Required work: Below are some records; output exactly the lines from the line with "# Revit data of these elements" to the line with "# Materials", both ends kept, and nothing more.

Listed records:
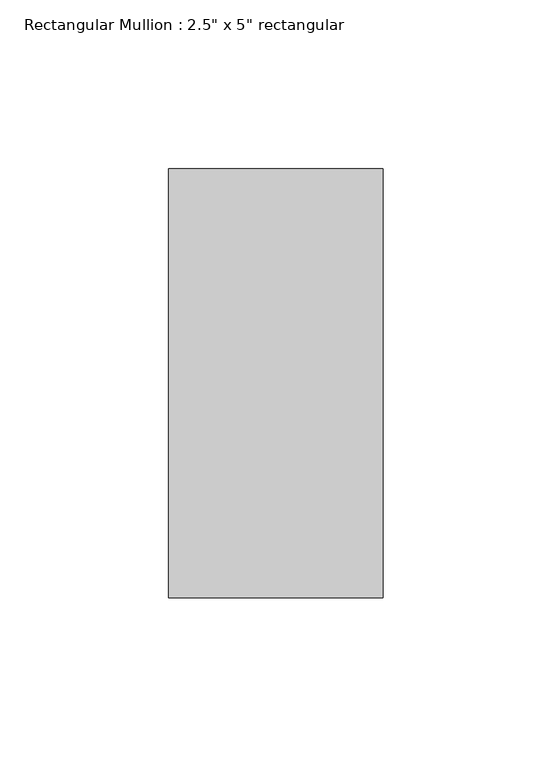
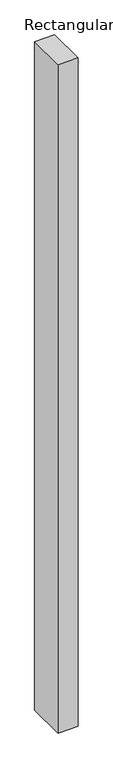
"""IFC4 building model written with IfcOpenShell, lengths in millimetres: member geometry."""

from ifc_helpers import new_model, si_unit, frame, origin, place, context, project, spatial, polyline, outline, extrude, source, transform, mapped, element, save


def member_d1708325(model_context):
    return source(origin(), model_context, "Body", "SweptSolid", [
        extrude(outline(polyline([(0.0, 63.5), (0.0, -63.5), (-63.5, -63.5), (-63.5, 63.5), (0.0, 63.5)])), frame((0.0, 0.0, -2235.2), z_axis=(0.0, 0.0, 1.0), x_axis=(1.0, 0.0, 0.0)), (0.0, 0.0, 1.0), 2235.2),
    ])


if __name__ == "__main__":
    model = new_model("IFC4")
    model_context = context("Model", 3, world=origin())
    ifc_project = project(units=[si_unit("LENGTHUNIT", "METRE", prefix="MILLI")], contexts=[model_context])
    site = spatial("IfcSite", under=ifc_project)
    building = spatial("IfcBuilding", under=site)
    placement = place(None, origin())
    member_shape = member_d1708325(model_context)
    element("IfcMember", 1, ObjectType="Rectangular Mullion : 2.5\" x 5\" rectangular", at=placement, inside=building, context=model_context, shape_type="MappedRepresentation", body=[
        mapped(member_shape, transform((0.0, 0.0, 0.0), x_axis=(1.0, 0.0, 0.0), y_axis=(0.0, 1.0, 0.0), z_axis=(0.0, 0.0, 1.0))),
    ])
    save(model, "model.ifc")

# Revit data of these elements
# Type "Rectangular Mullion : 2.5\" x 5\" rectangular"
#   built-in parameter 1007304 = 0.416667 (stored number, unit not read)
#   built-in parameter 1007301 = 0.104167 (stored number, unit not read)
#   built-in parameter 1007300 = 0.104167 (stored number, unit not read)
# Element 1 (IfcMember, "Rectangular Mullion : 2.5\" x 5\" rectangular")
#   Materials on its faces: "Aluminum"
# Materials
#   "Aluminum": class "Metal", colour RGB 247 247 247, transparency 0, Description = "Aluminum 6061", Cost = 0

Finished exercise:
# Revit data of these elements
# Type "Rectangular Mullion : 2.5\" x 5\" rectangular"
#   built-in parameter 1007304 = 0.416667 (stored number, unit not read)
#   built-in parameter 1007301 = 0.104167 (stored number, unit not read)
#   built-in parameter 1007300 = 0.104167 (stored number, unit not read)
# Element 1 (IfcMember, "Rectangular Mullion : 2.5\" x 5\" rectangular")
#   Materials on its faces: "Aluminum"
# Materials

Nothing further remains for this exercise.